___ EXCERPTED RECORDS
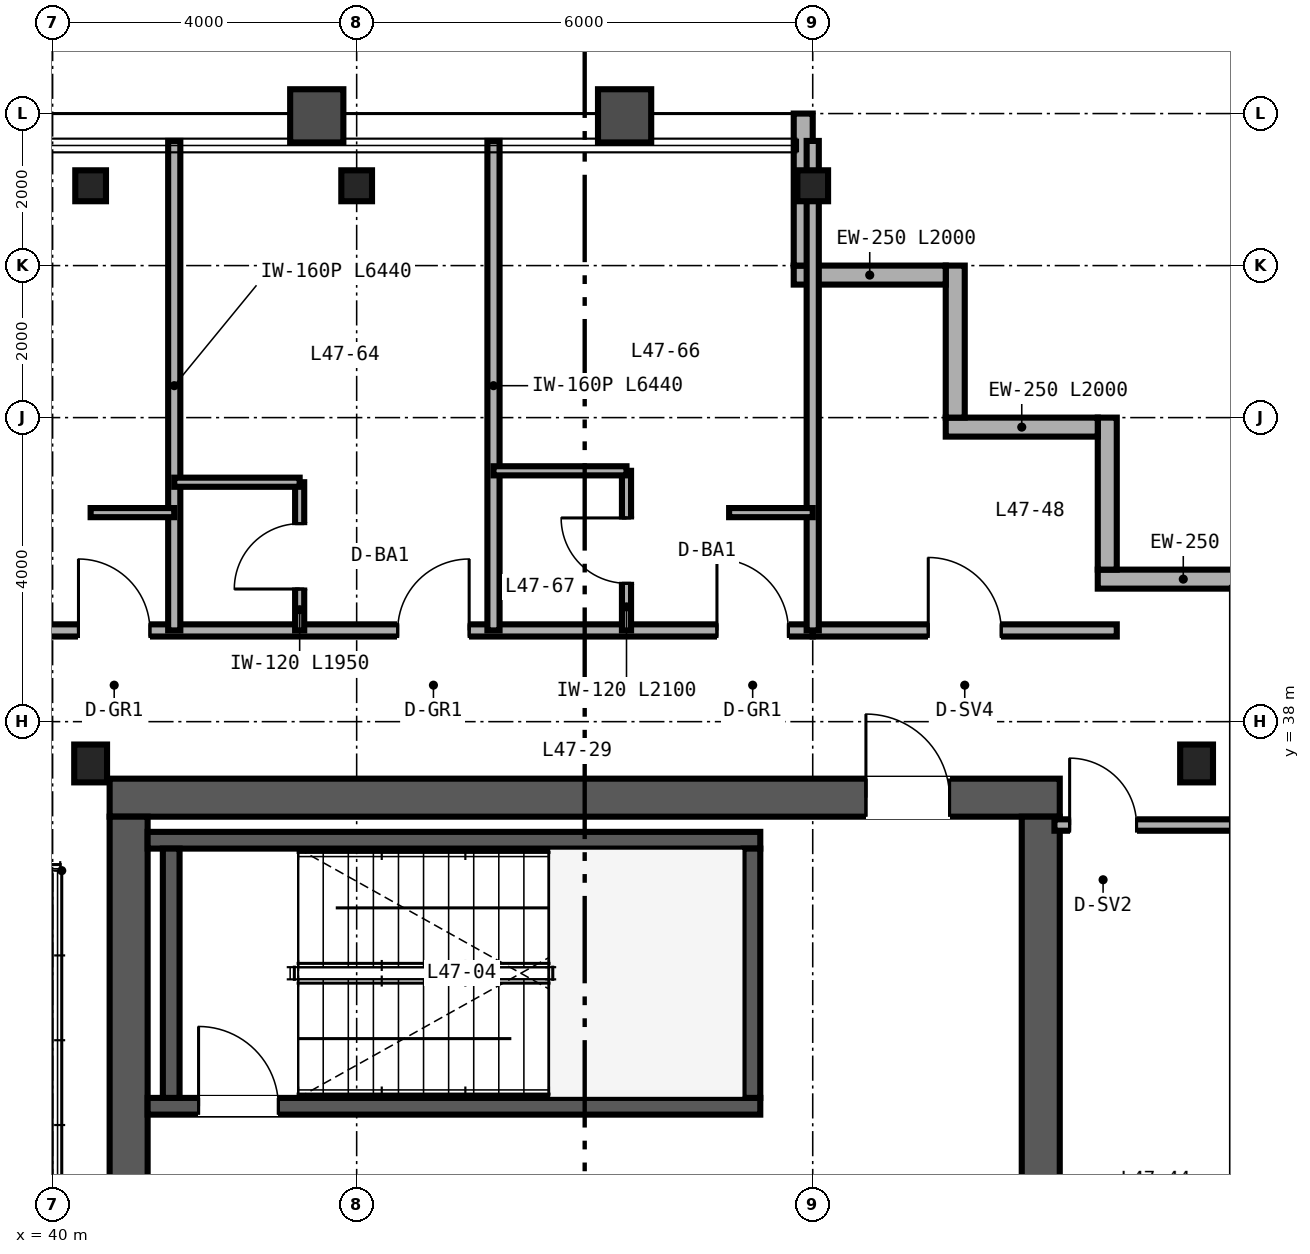
"""IFC4 building model, lengths in metres.
Left out: names, types, materials, properties, quantities, classifications, styles, units other than length and angle.
Written with IfcOpenShell. Run it as: python <this file> out.ifc"""

import sys

from ifc_helpers import new_model, si_unit, direction, frame, frame_2d, origin, origin_2d, place, context, subcontext, project, spatial, rectangle, i_section, extrude, source, transform, mapped, element, fill, save


model = new_model("IFC4")
c1 = context("Model", 3, precision=1e-05, world=origin(), true_north=direction((0.0, 1.0)))
c2 = subcontext(c1, "Body", "Model", "MODEL_VIEW")
j1 = project(units=[si_unit("LENGTHUNIT", "METRE"), si_unit("PLANEANGLEUNIT", "RADIAN")], contexts=[c1])
p1 = place(None, origin())
s1 = spatial("IfcSite", under=j1, at=p1, CompositionType="ELEMENT")
p2 = place(p1, origin())
s2 = spatial("IfcBuilding", under=s1, at=p2, CompositionType="ELEMENT")
p3 = place(p2, frame((0.0, 0.0, 188.4)))
s3 = spatial("IfcBuildingStorey", under=s2, at=p3, CompositionType="ELEMENT", Elevation=188.4)
p4 = place(p3, frame((40.75, 37.0, 0.0), z_axis=(0.0, 0.0, 1.0), x_axis=(1.0, 0.0, 0.0)))
e1 = element("IfcWall", 1, at=p4, inside=s3, PredefinedType="SHEAR", context=c2, shape_type="SweptSolid", body=[
    extrude(rectangle(XDim=12.5, YDim=0.5, at=frame_2d((6.25, 0.0))), origin(), (0.0, 0.0, 1.0), 3.37),
])
p5 = place(p4, frame((9.95, 0.0, 0.0)))
e2 = element("IfcOpeningElement", 2, at=p5, cuts=e1, PredefinedType="OPENING", context=c2, shape_type="SweptSolid", body=[
    extrude(rectangle(XDim=1.1, YDim=2.15, at=frame_2d((0.55, 1.075))), frame((0.0, 0.26, 0.0), z_axis=(0.0, -1.0, 0.0), x_axis=(1.0, 0.0, 0.0)), (0.0, 0.0, 1.0), 0.52),
])
for number, where, z_axis, x_axis in (
    (3, (41.0, 15.25, 0.0), (0.0, 0.0, 1.0), (0.0, 1.0, 0.0)),
    (4, (53.0, 15.25, 0.0), (0.0, 0.0, 1.0), (0.0, 1.0, 0.0)),
):
    element("IfcWall", number, at=place(p3, frame(where, z_axis=z_axis, x_axis=x_axis)), inside=s3, PredefinedType="SHEAR", context=c2, shape_type="SweptSolid", body=[
        extrude(rectangle(XDim=21.5, YDim=0.5, at=frame_2d((10.75, 0.0))), origin(), (0.0, 0.0, 1.0), 3.37),
    ])
p6 = place(p3, frame((41.25, 32.94, 0.0), z_axis=(0.0, 0.0, 1.0), x_axis=(1.0, 0.0, 0.0)))
e5 = element("IfcWall", 5, at=p6, inside=s3, PredefinedType="SHEAR", context=c2, shape_type="SweptSolid", body=[
    extrude(rectangle(XDim=8.06, YDim=0.22, at=frame_2d((4.03, 0.0))), origin(), (0.0, 0.0, 1.0), 3.4),
])
p7 = place(p6, frame((0.67, 0.0, 0.0)))
e6 = element("IfcOpeningElement", 6, at=p7, cuts=e5, PredefinedType="OPENING", context=c2, shape_type="SweptSolid", body=[
    extrude(rectangle(XDim=1.05, YDim=2.15, at=frame_2d((0.525, 1.075))), frame((0.0, 0.12, 0.0), z_axis=(0.0, -1.0, 0.0), x_axis=(1.0, 0.0, 0.0)), (0.0, 0.0, 1.0), 0.24),
])
p8 = place(p3, frame((41.25, 36.44, 0.0), z_axis=(0.0, 0.0, 1.0), x_axis=(1.0, 0.0, 0.0)))
e7 = element("IfcWall", 7, at=p8, inside=s3, PredefinedType="SHEAR", context=c2, shape_type="SweptSolid", body=[
    extrude(rectangle(XDim=8.06, YDim=0.22, at=frame_2d((4.03, 0.0))), origin(), (0.0, 0.0, 1.0), 3.4),
])
for number, where, z_axis, x_axis in (
    (8, (41.56, 33.05, 0.0), (0.0, 0.0, 1.0), (0.0, 1.0, 0.0)),
    (9, (49.2, 33.05, 0.0), (0.0, 0.0, 1.0), (0.0, 1.0, 0.0)),
):
    element("IfcWall", number, at=place(p3, frame(where, z_axis=z_axis, x_axis=x_axis)), inside=s3, PredefinedType="SHEAR", context=c2, shape_type="SweptSolid", body=[
        extrude(rectangle(XDim=3.28, YDim=0.22, at=frame_2d((1.64, 0.0))), origin(), (0.0, 0.0, 1.0), 3.4),
    ])
m1 = source(origin(), c2, "Body", "SweptSolid", [
    extrude(i_section(OverallWidth=0.432, OverallDepth=0.498, WebThickness=0.056, FlangeThickness=0.089, FilletRadius=0.025, at=origin_2d()), origin(), (0.0, 0.0, 1.0), 3.37),
])
for number, where, z_axis, x_axis in (
    (10, (40.5, 37.45, 0.0), (0.0, 0.0, 1.0), (1.0, 0.0, 0.0)),
    (11, (55.05, 37.45, 0.0), (0.0, 0.0, 1.0), (1.0, 0.0, 0.0)),
):
    element("IfcColumn", number, at=place(p3, frame(where, z_axis=z_axis, x_axis=x_axis)), inside=s3, PredefinedType="COLUMN", context=c2, shape_type="MappedRepresentation", body=[
        mapped(m1, transform((0.0, 0.0, 0.0), scale=1.0)),
    ])
m2 = source(origin(), c2, "Body", "SweptSolid", [
    extrude(i_section(OverallWidth=0.404, OverallDepth=0.407, WebThickness=0.027, FlangeThickness=0.044, FilletRadius=0.025, at=origin_2d()), origin(), (0.0, 0.0, 1.0), 3.37),
])
for number, where, z_axis, x_axis in (
    (12, (40.5, 45.05, 0.0), (0.0, 0.0, 1.0), (1.0, 0.0, 0.0)),
    (13, (44.0, 45.05, 0.0), (0.0, 0.0, 1.0), (1.0, 0.0, 0.0)),
    (14, (50.0, 45.05, 0.0), (0.0, 0.0, 1.0), (1.0, 0.0, 0.0)),
):
    element("IfcColumn", number, at=place(p3, frame(where, z_axis=z_axis, x_axis=x_axis)), inside=s3, PredefinedType="COLUMN", context=c2, shape_type="MappedRepresentation", body=[
        mapped(m2, transform((0.0, 0.0, 0.0), scale=1.0)),
    ])
p9 = place(p3, frame((56.0, 39.875, 0.0), z_axis=(0.0, 0.0, 1.0), x_axis=(-1.0, 0.0, 0.0)))
e15 = element("IfcWall", 15, at=p9, inside=s3, PredefinedType="SOLIDWALL", context=c2, shape_type="SweptSolid", body=[
    extrude(rectangle(XDim=2.25, YDim=0.25, at=frame_2d((1.125, 0.0))), origin(), (0.0, 0.0, 1.0), 3.37),
])
for number, where, z_axis, x_axis in (
    (16, (53.875, 40.0, 0.0), (0.0, 0.0, 1.0), (0.0, 1.0, 0.0)),
    (17, (53.75, 41.875, 0.0), (0.0, 0.0, 1.0), (-1.0, 0.0, 0.0)),
    (18, (51.875, 42.0, 0.0), (0.0, 0.0, 1.0), (0.0, 1.0, 0.0)),
    (19, (51.75, 43.875, 0.0), (0.0, 0.0, 1.0), (-1.0, 0.0, 0.0)),
):
    element("IfcWall", number, at=place(p3, frame(where, z_axis=z_axis, x_axis=x_axis)), inside=s3, PredefinedType="SOLIDWALL", context=c2, shape_type="SweptSolid", body=[
        extrude(rectangle(XDim=2.0, YDim=0.25, at=frame_2d((1.0, 0.0))), origin(), (0.0, 0.0, 1.0), 3.37),
    ])
p10 = place(p3, frame((49.875, 44.0, 0.0), z_axis=(0.0, 0.0, 1.0), x_axis=(0.0, 1.0, 0.0)))
e20 = element("IfcWall", 20, at=p10, inside=s3, PredefinedType="SOLIDWALL", context=c2, shape_type="SweptSolid", body=[
    extrude(rectangle(XDim=2.0, YDim=0.25, at=frame_2d((1.0, 0.0))), origin(), (0.0, 0.0, 1.0), 2.677),
])
p11 = place(p3, frame((53.18, 36.64, 0.0), z_axis=(0.0, 0.0, 1.0), x_axis=(1.0, 0.0, 0.0)))
e21 = element("IfcWall", 21, at=p11, inside=s3, PredefinedType="PARTITIONING", context=c2, shape_type="SweptSolid", body=[
    extrude(rectangle(XDim=2.66, YDim=0.15, at=frame_2d((1.33, 0.0))), origin(), (0.0, 0.0, 1.0), 2.753),
])
p12 = place(p11, frame((0.2, 0.0, 0.0)))
e22 = element("IfcOpeningElement", 22, at=p12, cuts=e21, PredefinedType="OPENING", context=c2, shape_type="SweptSolid", body=[
    extrude(rectangle(XDim=0.88, YDim=2.15, at=frame_2d((0.44, 1.075))), frame((0.0, 0.085, 0.0), z_axis=(0.0, -1.0, 0.0), x_axis=(1.0, 0.0, 0.0)), (0.0, 0.0, 1.0), 0.17),
])
p13 = place(p3, frame((50.0, 39.2, 0.0), z_axis=(0.0, 0.0, 1.0), x_axis=(1.0, 0.0, 0.0)))
e23 = element("IfcWall", 23, at=p13, inside=s3, PredefinedType="PARTITIONING", context=c2, shape_type="SweptSolid", body=[
    extrude(rectangle(XDim=4.0, YDim=0.16, at=frame_2d((2.0, 0.0))), origin(), (0.0, 0.0, 1.0), 3.37),
])
p14 = place(p13, frame((1.52, 0.0, 0.0)))
e24 = element("IfcOpeningElement", 24, at=p14, cuts=e23, PredefinedType="OPENING", context=c2, shape_type="SweptSolid", body=[
    extrude(rectangle(XDim=0.96, YDim=2.15, at=frame_2d((0.48, 1.075))), frame((0.0, 0.09, 0.0), z_axis=(0.0, -1.0, 0.0), x_axis=(1.0, 0.0, 0.0)), (0.0, 0.0, 1.0), 0.18),
])
p15 = place(p3, frame((14.0, 39.2, 0.0), z_axis=(0.0, 0.0, 1.0), x_axis=(1.0, 0.0, 0.0)))
e25 = element("IfcWall", 25, at=p15, inside=s3, PredefinedType="PARTITIONING", context=c2, shape_type="SweptSolid", body=[
    extrude(rectangle(XDim=36.0, YDim=0.16, at=frame_2d((18.0, 0.0))), origin(), (0.0, 0.0, 1.0), 2.913),
])
p16 = place(p15, frame((3.94, 0.0, 0.0)))
e26 = element("IfcOpeningElement", 26, at=p16, cuts=e25, PredefinedType="OPENING", context=c2, shape_type="SweptSolid", body=[
    extrude(rectangle(XDim=0.94, YDim=2.15, at=frame_2d((0.47, 1.075))), frame((0.0, 0.09, 0.0), z_axis=(0.0, -1.0, 0.0), x_axis=(1.0, 0.0, 0.0)), (0.0, 0.0, 1.0), 0.18),
])
p17 = place(p15, frame((9.14, 0.0, 0.0)))
e27 = element("IfcOpeningElement", 27, at=p17, cuts=e25, PredefinedType="OPENING", context=c2, shape_type="SweptSolid", body=[
    extrude(rectangle(XDim=0.94, YDim=2.15, at=frame_2d((0.47, 1.075))), frame((0.0, 0.09, 0.0), z_axis=(0.0, -1.0, 0.0), x_axis=(1.0, 0.0, 0.0)), (0.0, 0.0, 1.0), 0.18),
])
p18 = place(p15, frame((12.72, 0.0, 0.0)))
e28 = element("IfcOpeningElement", 28, at=p18, cuts=e25, PredefinedType="OPENING", context=c2, shape_type="SweptSolid", body=[
    extrude(rectangle(XDim=0.96, YDim=2.15, at=frame_2d((0.48, 1.075))), frame((0.0, 0.09, 0.0), z_axis=(0.0, -1.0, 0.0), x_axis=(1.0, 0.0, 0.0)), (0.0, 0.0, 1.0), 0.18),
])
p19 = place(p15, frame((18.42, 0.0, 0.0)))
e29 = element("IfcOpeningElement", 29, at=p19, cuts=e25, PredefinedType="OPENING", context=c2, shape_type="SweptSolid", body=[
    extrude(rectangle(XDim=0.96, YDim=2.15, at=frame_2d((0.48, 1.075))), frame((0.0, 0.09, 0.0), z_axis=(0.0, -1.0, 0.0), x_axis=(1.0, 0.0, 0.0)), (0.0, 0.0, 1.0), 0.18),
])
p20 = place(p15, frame((26.34, 0.0, 0.0)))
e30 = element("IfcOpeningElement", 30, at=p20, cuts=e25, PredefinedType="OPENING", context=c2, shape_type="SweptSolid", body=[
    extrude(rectangle(XDim=0.94, YDim=2.15, at=frame_2d((0.47, 1.075))), frame((0.0, 0.09, 0.0), z_axis=(0.0, -1.0, 0.0), x_axis=(1.0, 0.0, 0.0)), (0.0, 0.0, 1.0), 0.18),
])
p21 = place(p15, frame((30.54, 0.0, 0.0)))
e31 = element("IfcOpeningElement", 31, at=p21, cuts=e25, PredefinedType="OPENING", context=c2, shape_type="SweptSolid", body=[
    extrude(rectangle(XDim=0.94, YDim=2.15, at=frame_2d((0.47, 1.075))), frame((0.0, 0.09, 0.0), z_axis=(0.0, -1.0, 0.0), x_axis=(1.0, 0.0, 0.0)), (0.0, 0.0, 1.0), 0.18),
])
p22 = place(p15, frame((34.74, 0.0, 0.0)))
e32 = element("IfcOpeningElement", 32, at=p22, cuts=e25, PredefinedType="OPENING", context=c2, shape_type="SweptSolid", body=[
    extrude(rectangle(XDim=0.94, YDim=2.15, at=frame_2d((0.47, 1.075))), frame((0.0, 0.09, 0.0), z_axis=(0.0, -1.0, 0.0), x_axis=(1.0, 0.0, 0.0)), (0.0, 0.0, 1.0), 0.18),
])
p23 = place(p3, frame((50.0, 39.2, 0.0), z_axis=(0.0, 0.0, 1.0), x_axis=(0.0, 1.0, 0.0)))
e33 = element("IfcWall", 33, at=p23, inside=s3, PredefinedType="PARTITIONING", context=c2, shape_type="SweptSolid", body=[
    extrude(rectangle(XDim=6.44, YDim=0.16, at=frame_2d((3.22, 0.0))), origin(), (0.0, 0.0, 1.0), 2.677),
])
p24 = place(p3, frame((41.6, 39.2, 0.0), z_axis=(0.0, 0.0, 1.0), x_axis=(0.0, 1.0, 0.0)))
e34 = element("IfcWall", 34, at=p24, inside=s3, PredefinedType="PARTITIONING", context=c2, shape_type="SweptSolid", body=[
    extrude(rectangle(XDim=6.44, YDim=0.16, at=frame_2d((3.22, 0.0))), origin(), (0.0, 0.0, 1.0), 2.833),
])
p25 = place(p3, frame((40.5, 40.75, 0.0), z_axis=(0.0, 0.0, 1.0), x_axis=(1.0, 0.0, 0.0)))
e35 = element("IfcWall", 35, at=p25, inside=s3, PredefinedType="PARTITIONING", context=c2, shape_type="SweptSolid", body=[
    extrude(rectangle(XDim=1.1, YDim=0.12, at=frame_2d((0.55, 0.0))), origin(), (0.0, 0.0, 1.0), 2.913),
])
p26 = place(p3, frame((45.8, 39.2, 0.0), z_axis=(0.0, 0.0, 1.0), x_axis=(0.0, 1.0, 0.0)))
e36 = element("IfcWall", 36, at=p26, inside=s3, PredefinedType="PARTITIONING", context=c2, shape_type="SweptSolid", body=[
    extrude(rectangle(XDim=6.44, YDim=0.16, at=frame_2d((3.22, 0.0))), origin(), (0.0, 0.0, 1.0), 2.677),
])
p27 = place(p3, frame((43.25, 39.2, 0.0), z_axis=(0.0, 0.0, 1.0), x_axis=(0.0, 1.0, 0.0)))
e37 = element("IfcWall", 37, at=p27, inside=s3, PredefinedType="PARTITIONING", context=c2, shape_type="SweptSolid", body=[
    extrude(rectangle(XDim=1.95, YDim=0.12, at=frame_2d((0.975, 0.0))), origin(), (0.0, 0.0, 1.0), 3.37),
])
p28 = place(p27, frame((0.545, 0.0, 0.0)))
e38 = element("IfcOpeningElement", 38, at=p28, cuts=e37, PredefinedType="OPENING", context=c2, shape_type="SweptSolid", body=[
    extrude(rectangle(XDim=0.86, YDim=2.1, at=frame_2d((0.43, 1.05))), frame((0.0, 0.07, 0.0), z_axis=(0.0, -1.0, 0.0), x_axis=(1.0, 0.0, 0.0)), (0.0, 0.0, 1.0), 0.14),
])
p29 = place(p3, frame((41.6, 41.15, 0.0), z_axis=(0.0, 0.0, 1.0), x_axis=(1.0, 0.0, 0.0)))
e39 = element("IfcWall", 39, at=p29, inside=s3, PredefinedType="PARTITIONING", context=c2, shape_type="SweptSolid", body=[
    extrude(rectangle(XDim=1.65, YDim=0.12, at=frame_2d((0.825, 0.0))), origin(), (0.0, 0.0, 1.0), 3.37),
])
p30 = place(p3, frame((47.55, 39.2, 0.0), z_axis=(0.0, 0.0, 1.0), x_axis=(0.0, 1.0, 0.0)))
e40 = element("IfcWall", 40, at=p30, inside=s3, PredefinedType="PARTITIONING", context=c2, shape_type="SweptSolid", body=[
    extrude(rectangle(XDim=2.1, YDim=0.12, at=frame_2d((1.05, 0.0))), origin(), (0.0, 0.0, 1.0), 3.37),
])
p31 = place(p30, frame((0.62, 0.0, 0.0)))
e41 = element("IfcOpeningElement", 41, at=p31, cuts=e40, PredefinedType="OPENING", context=c2, shape_type="SweptSolid", body=[
    extrude(rectangle(XDim=0.86, YDim=2.1, at=frame_2d((0.43, 1.05))), frame((0.0, 0.07, 0.0), z_axis=(0.0, -1.0, 0.0), x_axis=(1.0, 0.0, 0.0)), (0.0, 0.0, 1.0), 0.14),
])
p32 = place(p3, frame((45.8, 41.3, 0.0), z_axis=(0.0, 0.0, 1.0), x_axis=(1.0, 0.0, 0.0)))
e42 = element("IfcWall", 42, at=p32, inside=s3, PredefinedType="PARTITIONING", context=c2, shape_type="SweptSolid", body=[
    extrude(rectangle(XDim=1.75, YDim=0.12, at=frame_2d((0.875, 0.0))), origin(), (0.0, 0.0, 1.0), 3.37),
])
p33 = place(p3, frame((48.9, 40.75, 0.0), z_axis=(0.0, 0.0, 1.0), x_axis=(1.0, 0.0, 0.0)))
e43 = element("IfcWall", 43, at=p33, inside=s3, PredefinedType="PARTITIONING", context=c2, shape_type="SweptSolid", body=[
    extrude(rectangle(XDim=1.1, YDim=0.12, at=frame_2d((0.55, 0.0))), origin(), (0.0, 0.0, 1.0), 3.37),
])
m3 = source(origin(), c2, "Body", "SweptSolid", [
    extrude(rectangle(XDim=1.05, YDim=2.15, at=frame_2d((0.525, 1.075))), frame((0.0, 0.025, 0.0), z_axis=(0.0, -1.0, 0.0), x_axis=(1.0, 0.0, 0.0)), (0.0, 0.0, 1.0), 0.05),
])
p34 = place(p7, origin())
e44 = element("IfcDoor", 44, at=p34, inside=s3, OperationType="SINGLE_SWING_LEFT", PredefinedType="DOOR", context=c2, shape_type="MappedRepresentation", body=[
    mapped(m3, transform((0.0, 0.0, 0.0), scale=1.0)),
])
fill(e6, e44)
m4 = source(origin(), c2, "Body", "SweptSolid", [
    extrude(rectangle(XDim=1.1, YDim=2.15, at=frame_2d((0.55, 1.075))), frame((0.0, 0.025, 0.0), z_axis=(0.0, -1.0, 0.0), x_axis=(1.0, 0.0, 0.0)), (0.0, 0.0, 1.0), 0.05),
])
p35 = place(p5, origin())
e45 = element("IfcDoor", 45, at=p35, inside=s3, OperationType="SINGLE_SWING_LEFT", PredefinedType="DOOR", context=c2, shape_type="MappedRepresentation", body=[
    mapped(m4, transform((0.0, 0.0, 0.0), scale=1.0)),
])
fill(e2, e45)
m5 = source(origin(), c2, "Body", "SweptSolid", [
    extrude(rectangle(XDim=0.88, YDim=2.15, at=frame_2d((0.44, 1.075))), frame((0.0, 0.025, 0.0), z_axis=(0.0, -1.0, 0.0), x_axis=(1.0, 0.0, 0.0)), (0.0, 0.0, 1.0), 0.05),
])
p36 = place(p12, origin())
e46 = element("IfcDoor", 46, at=p36, inside=s3, OperationType="SINGLE_SWING_LEFT", PredefinedType="DOOR", context=c2, shape_type="MappedRepresentation", body=[
    mapped(m5, transform((0.0, 0.0, 0.0), scale=1.0)),
])
fill(e22, e46)
m6 = source(origin(), c2, "Body", "SweptSolid", [
    extrude(rectangle(XDim=0.96, YDim=2.15, at=frame_2d((0.48, 1.075))), frame((0.0, 0.025, 0.0), z_axis=(0.0, -1.0, 0.0), x_axis=(1.0, 0.0, 0.0)), (0.0, 0.0, 1.0), 0.05),
])
p37 = place(p14, origin())
e47 = element("IfcDoor", 47, at=p37, inside=s3, OperationType="SINGLE_SWING_LEFT", PredefinedType="DOOR", context=c2, shape_type="MappedRepresentation", body=[
    mapped(m6, transform((0.0, 0.0, 0.0), scale=1.0)),
])
fill(e24, e47)
m7 = source(origin(), c2, "Body", "SweptSolid", [
    extrude(rectangle(XDim=0.86, YDim=2.1, at=frame_2d((0.43, 1.05))), frame((0.0, 0.025, 0.0), z_axis=(0.0, -1.0, 0.0), x_axis=(1.0, 0.0, 0.0)), (0.0, 0.0, 1.0), 0.05),
])
p38 = place(p28, origin())
e48 = element("IfcDoor", 48, at=p38, inside=s3, OperationType="SINGLE_SWING_LEFT", PredefinedType="DOOR", context=c2, shape_type="MappedRepresentation", body=[
    mapped(m7, transform((0.0, 0.0, 0.0), scale=1.0)),
])
fill(e38, e48)
p39 = place(p31, origin())
e49 = element("IfcDoor", 49, at=p39, inside=s3, OperationType="SINGLE_SWING_RIGHT", PredefinedType="DOOR", context=c2, shape_type="MappedRepresentation", body=[
    mapped(m7, transform((0.0, 0.0, 0.0), scale=1.0)),
])
fill(e41, e49)
m8 = source(origin(), c2, "Body", "SweptSolid", [
    extrude(rectangle(XDim=0.94, YDim=2.15, at=frame_2d((0.47, 1.075))), frame((0.0, 0.025, 0.0), z_axis=(0.0, -1.0, 0.0), x_axis=(1.0, 0.0, 0.0)), (0.0, 0.0, 1.0), 0.05),
])
p40 = place(p20, origin())
e50 = element("IfcDoor", 50, at=p40, inside=s3, OperationType="SINGLE_SWING_LEFT", PredefinedType="DOOR", context=c2, shape_type="MappedRepresentation", body=[
    mapped(m8, transform((0.0, 0.0, 0.0), scale=1.0)),
])
fill(e30, e50)
p41 = place(p21, origin())
e51 = element("IfcDoor", 51, at=p41, inside=s3, OperationType="SINGLE_SWING_RIGHT", PredefinedType="DOOR", context=c2, shape_type="MappedRepresentation", body=[
    mapped(m8, transform((0.0, 0.0, 0.0), scale=1.0)),
])
fill(e31, e51)
p42 = place(p22, origin())
e52 = element("IfcDoor", 52, at=p42, inside=s3, OperationType="SINGLE_SWING_LEFT", PredefinedType="DOOR", context=c2, shape_type="MappedRepresentation", body=[
    mapped(m8, transform((0.0, 0.0, 0.0), scale=1.0)),
])
fill(e32, e52)
save(model, sys.argv[1])
______
◆ **WHAT TO WORK ON**
Show me each line of the listing above with "scale" in it.

◆ **TASK RESPONSE**
        mapped(m1, transform((0.0, 0.0, 0.0), scale=1.0)),
        mapped(m2, transform((0.0, 0.0, 0.0), scale=1.0)),
    mapped(m3, transform((0.0, 0.0, 0.0), scale=1.0)),
    mapped(m4, transform((0.0, 0.0, 0.0), scale=1.0)),
    mapped(m5, transform((0.0, 0.0, 0.0), scale=1.0)),
    mapped(m6, transform((0.0, 0.0, 0.0), scale=1.0)),
    mapped(m7, transform((0.0, 0.0, 0.0), scale=1.0)),
    mapped(m7, transform((0.0, 0.0, 0.0), scale=1.0)),
    mapped(m8, transform((0.0, 0.0, 0.0), scale=1.0)),
    mapped(m8, transform((0.0, 0.0, 0.0), scale=1.0)),
    mapped(m8, transform((0.0, 0.0, 0.0), scale=1.0)),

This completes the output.